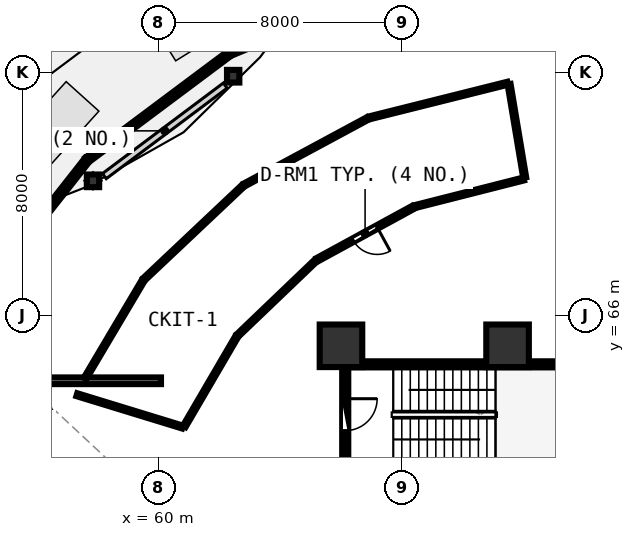
"""IFC4 building model, lengths in metres.
Left out: names, types, materials, properties, quantities, classifications, styles, units other than length and angle.
Written with IfcOpenShell. Run it as: python <this file> out.ifc"""

import sys

from ifc_helpers import new_model, si_unit, direction, frame, frame_2d, origin, origin_2d, place, context, subcontext, project, spatial, rectangle, i_section, extrude, element, fill, save


model = new_model("IFC4")
c1 = context("Model", 3, precision=1e-05, world=origin(), true_north=direction((0.0, 1.0)))
c2 = subcontext(c1, "Body", "Model", "MODEL_VIEW")
j1 = project(units=[si_unit("LENGTHUNIT", "METRE"), si_unit("PLANEANGLEUNIT", "RADIAN")], contexts=[c1])
p1 = place(None, origin())
s1 = spatial("IfcSite", under=j1, at=p1, CompositionType="ELEMENT")
p2 = place(p1, origin())
s2 = spatial("IfcBuilding", under=s1, at=p2, CompositionType="ELEMENT")
p3 = place(p2, origin())
s3 = spatial("IfcBuildingStorey", under=s2, at=p3, CompositionType="ELEMENT", Elevation=0.0)
for number, where, z_axis, x_axis in (
    (1, (71.48, 65.0, 0.0), (0.0, 0.0, 1.0), (1.0, 0.0, 0.0)),
    (2, (66.0, 65.0, 0.0), (0.0, 0.0, 1.0), (1.0, 0.0, 0.0)),
):
    element("IfcColumn", number, at=place(p3, frame(where, z_axis=z_axis, x_axis=x_axis)), inside=s3, PredefinedType="PILASTER", context=c2, shape_type="SweptSolid", body=[
        extrude(rectangle(XDim=1.4, YDim=1.4, at=origin_2d()), origin(), (0.0, 0.0, 1.0), 4.5),
    ])
for number, where, z_axis, x_axis in (
    (3, (62.454, 73.866, 0.0), (0.0, 0.0, 1.0), (1.0, 0.0, 0.0)),
    (4, (57.844, 70.426, 0.0), (0.0, 0.0, 1.0), (1.0, 0.0, 0.0)),
):
    element("IfcColumn", number, at=place(p3, frame(where, z_axis=z_axis, x_axis=x_axis)), inside=s3, PredefinedType="COLUMN", context=c2, shape_type="SweptSolid", body=[
        extrude(i_section(OverallWidth=0.406, OverallDepth=0.416, WebThickness=0.029, FlangeThickness=0.048, FilletRadius=0.015, at=origin_2d()), origin(), (0.0, 0.0, 1.0), 4.5),
    ])
p4 = place(p3, frame((67.202, 76.641, 0.0), z_axis=(0.0, 0.0, 1.0), x_axis=(-0.923474464617, -0.383659892614, 0.0)))
e5 = element("IfcWall", 5, at=p4, inside=s3, PredefinedType="PARAPET", context=c2, shape_type="SweptSolid", body=[
    extrude(rectangle(XDim=5.263, YDim=0.19, at=frame_2d((2.631, 0.0))), origin(), (0.0, 0.0, 1.0), 0.62),
])
p5 = place(p3, frame((62.342, 74.622, 0.0), z_axis=(0.0, 0.0, 1.0), x_axis=(-0.800949430728, -0.59873200133, 0.0)))
e6 = element("IfcWall", 6, at=p5, inside=s3, PredefinedType="PARAPET", context=c2, shape_type="SweptSolid", body=[
    extrude(rectangle(XDim=5.857, YDim=0.19, at=frame_2d((2.928, 0.0))), origin(), (0.0, 0.0, 1.0), 0.62),
])
p6 = place(p3, frame((57.651, 71.115, 0.0), z_axis=(0.0, 0.0, 1.0), x_axis=(-0.617936357215, -0.786228121115, 0.0)))
e7 = element("IfcWall", 7, at=p6, inside=s3, PredefinedType="PARAPET", context=c2, shape_type="SweptSolid", body=[
    extrude(rectangle(XDim=4.977, YDim=0.19, at=frame_2d((2.489, 0.0))), origin(), (0.0, 0.0, 1.0), 0.62),
])
p7 = place(p3, frame((73.42, 64.39, 0.0), z_axis=(0.0, 0.0, 1.0), x_axis=(-1.0, 0.0, 0.0)))
e8 = element("IfcWall", 8, at=p7, inside=s3, PredefinedType="SHEAR", context=c2, shape_type="SweptSolid", body=[
    extrude(rectangle(XDim=7.16, YDim=0.2, at=frame_2d((3.58, 0.0))), origin(), (0.0, 0.0, 1.0), 4.2),
])
p8 = place(p3, frame((66.14, 64.27, 0.0), z_axis=(0.0, 0.0, 1.0), x_axis=(0.0, -1.0, 0.0)))
e9 = element("IfcWall", 9, at=p8, inside=s3, PredefinedType="SHEAR", context=c2, shape_type="SweptSolid", body=[
    extrude(rectangle(XDim=3.07, YDim=0.2, at=frame_2d((1.535, 0.0))), origin(), (0.0, 0.0, 1.0), 4.2),
])
p9 = place(p8, frame((1.01, 0.0, 0.0)))
e10 = element("IfcOpeningElement", 10, at=p9, cuts=e9, PredefinedType="OPENING", context=c2, shape_type="SweptSolid", body=[
    extrude(rectangle(XDim=1.05, YDim=2.1, at=frame_2d((0.525, 1.05))), frame((0.0, 0.11, 0.0), z_axis=(0.0, -1.0, 0.0), x_axis=(1.0, 0.0, 0.0)), (0.0, 0.0, 1.0), 0.22),
])
p10 = place(p3, frame((47.32, 63.85, 0.0), z_axis=(0.0, 0.0, 1.0), x_axis=(1.0, 0.0, 0.0)))
e11 = element("IfcWall", 11, at=p10, inside=s3, PredefinedType="SOLIDWALL", context=c2, shape_type="SweptSolid", body=[
    extrude(rectangle(XDim=12.76, YDim=0.22, at=frame_2d((6.38, 0.0))), origin(), (0.0, 0.0, 1.0), 3.585),
])
p11 = place(p3, frame((68.357, 69.544, 0.0), z_axis=(0.0, 0.0, 1.0), x_axis=(-0.877746280932, -0.479125731212, 0.0)))
e12 = element("IfcWall", 12, at=p11, inside=s3, PredefinedType="PARTITIONING", context=c2, shape_type="SweptSolid", body=[
    extrude(rectangle(XDim=3.563, YDim=0.12, at=frame_2d((1.782, 0.0))), origin(), (0.0, 0.0, 1.0), 4.19),
])
p12 = place(p11, frame((1.332, 0.0, 0.0)))
e13 = element("IfcOpeningElement", 13, at=p12, cuts=e12, PredefinedType="OPENING", context=c2, shape_type="SweptSolid", body=[
    extrude(rectangle(XDim=0.9, YDim=2.08, at=frame_2d((0.45, 1.04))), frame((0.0, 0.07, 0.0), z_axis=(0.0, -1.0, 0.0), x_axis=(1.0, 0.0, 0.0)), (0.0, 0.0, 1.0), 0.14),
])
p13 = place(p3, frame((72.01, 70.487, 0.0), z_axis=(0.0, 0.0, 1.0), x_axis=(-0.969229007952, -0.246160781085, 0.0)))
e14 = element("IfcWall", 14, at=p13, inside=s3, PredefinedType="PARTITIONING", context=c2, shape_type="SweptSolid", body=[
    extrude(rectangle(XDim=3.675, YDim=0.1, at=frame_2d((1.837, 0.0))), origin(), (0.0, 0.0, 1.0), 3.585),
])
p14 = place(p3, frame((65.148, 67.78, 0.0), z_axis=(0.0, 0.0, 1.0), x_axis=(-0.722428617801, -0.691445509192, 0.0)))
e15 = element("IfcWall", 15, at=p14, inside=s3, PredefinedType="PARTITIONING", context=c2, shape_type="SweptSolid", body=[
    extrude(rectangle(XDim=3.507, YDim=0.1, at=frame_2d((1.753, 0.0))), origin(), (0.0, 0.0, 1.0), 3.585),
])
p15 = place(p3, frame((62.566, 65.293, 0.0), z_axis=(0.0, 0.0, 1.0), x_axis=(-0.504538896435, -0.863388963321, 0.0)))
e16 = element("IfcWall", 16, at=p15, inside=s3, PredefinedType="PARTITIONING", context=c2, shape_type="SweptSolid", body=[
    extrude(rectangle(XDim=3.408, YDim=0.1, at=frame_2d((1.704, 0.0))), origin(), (0.0, 0.0, 1.0), 3.585),
])
p16 = place(p3, frame((60.788, 62.328, 0.0), z_axis=(0.0, 0.0, 1.0), x_axis=(-0.95616581323, 0.292825780302, 0.0)))
e17 = element("IfcWall", 17, at=p16, inside=s3, PredefinedType="PARTITIONING", context=c2, shape_type="SweptSolid", body=[
    extrude(rectangle(XDim=3.636, YDim=0.1, at=frame_2d((1.818, 0.0))), origin(), (0.0, 0.0, 1.0), 3.945),
])
p17 = place(p3, frame((57.582, 63.925, 0.0), z_axis=(0.0, 0.0, 1.0), x_axis=(0.510042246843, 0.860149351238, 0.0)))
e18 = element("IfcWall", 18, at=p17, inside=s3, PredefinedType="PARTITIONING", context=c2, shape_type="SweptSolid", body=[
    extrude(rectangle(XDim=3.738, YDim=0.1, at=frame_2d((1.869, 0.0))), origin(), (0.0, 0.0, 1.0), 3.585),
])
p18 = place(p3, frame((59.538, 67.202, 0.0), z_axis=(0.0, 0.0, 1.0), x_axis=(0.727255441207, 0.686366901325, 0.0)))
e19 = element("IfcWall", 19, at=p18, inside=s3, PredefinedType="PARTITIONING", context=c2, shape_type="SweptSolid", body=[
    extrude(rectangle(XDim=4.442, YDim=0.1, at=frame_2d((2.221, 0.0))), origin(), (0.0, 0.0, 1.0), 3.585),
])
p19 = place(p3, frame((62.833, 70.298, 0.0), z_axis=(0.0, 0.0, 1.0), x_axis=(0.880380395475, 0.474268235562, 0.0)))
e20 = element("IfcWall", 20, at=p19, inside=s3, PredefinedType="PARTITIONING", context=c2, shape_type="SweptSolid", body=[
    extrude(rectangle(XDim=4.582, YDim=0.1, at=frame_2d((2.291, 0.0))), origin(), (0.0, 0.0, 1.0), 3.585),
])
p20 = place(p3, frame((66.941, 72.5, 0.0), z_axis=(0.0, 0.0, 1.0), x_axis=(0.970108758835, 0.242670550399, 0.0)))
e21 = element("IfcWall", 21, at=p20, inside=s3, PredefinedType="PARTITIONING", context=c2, shape_type="SweptSolid", body=[
    extrude(rectangle(XDim=4.683, YDim=0.1, at=frame_2d((2.342, 0.0))), origin(), (0.0, 0.0, 1.0), 3.585),
])
p21 = place(p3, frame((71.53, 73.606, 0.0), z_axis=(0.0, 0.0, 1.0), x_axis=(0.164806022155, -0.98632599837, 0.0)))
e22 = element("IfcWall", 22, at=p21, inside=s3, PredefinedType="PARTITIONING", context=c2, shape_type="SweptSolid", body=[
    extrude(rectangle(XDim=3.112, YDim=0.1, at=frame_2d((1.556, 0.0))), origin(), (0.0, 0.0, 1.0), 3.945),
])
p22 = place(p9, origin())
e23 = element("IfcDoor", 23, at=p22, inside=s3, OperationType="SINGLE_SWING_LEFT", PredefinedType="DOOR", context=c2, shape_type="SweptSolid", body=[
    extrude(rectangle(XDim=1.05, YDim=2.1, at=frame_2d((0.525, 1.05))), frame((0.0, 0.025, 0.0), z_axis=(0.0, -1.0, 0.0), x_axis=(1.0, 0.0, 0.0)), (0.0, 0.0, 1.0), 0.05),
])
fill(e10, e23)
p23 = place(p12, origin())
e24 = element("IfcDoor", 24, at=p23, inside=s3, OperationType="SINGLE_SWING_LEFT", PredefinedType="DOOR", context=c2, shape_type="SweptSolid", body=[
    extrude(rectangle(XDim=0.9, YDim=2.08, at=frame_2d((0.45, 1.04))), frame((0.0, 0.025, 0.0), z_axis=(0.0, -1.0, 0.0), x_axis=(1.0, 0.0, 0.0)), (0.0, 0.0, 1.0), 0.05),
])
fill(e13, e24)
save(model, sys.argv[1])
----
--- What to produce ---
Filter the entries and copy out every line with the word "direction".

--- Solved problem ---
from ifc_helpers import new_model, si_unit, direction, frame, frame_2d, origin, origin_2d, place, context, subcontext, project, spatial, rectangle, i_section, extrude, element, fill, save
c1 = context("Model", 3, precision=1e-05, world=origin(), true_north=direction((0.0, 1.0)))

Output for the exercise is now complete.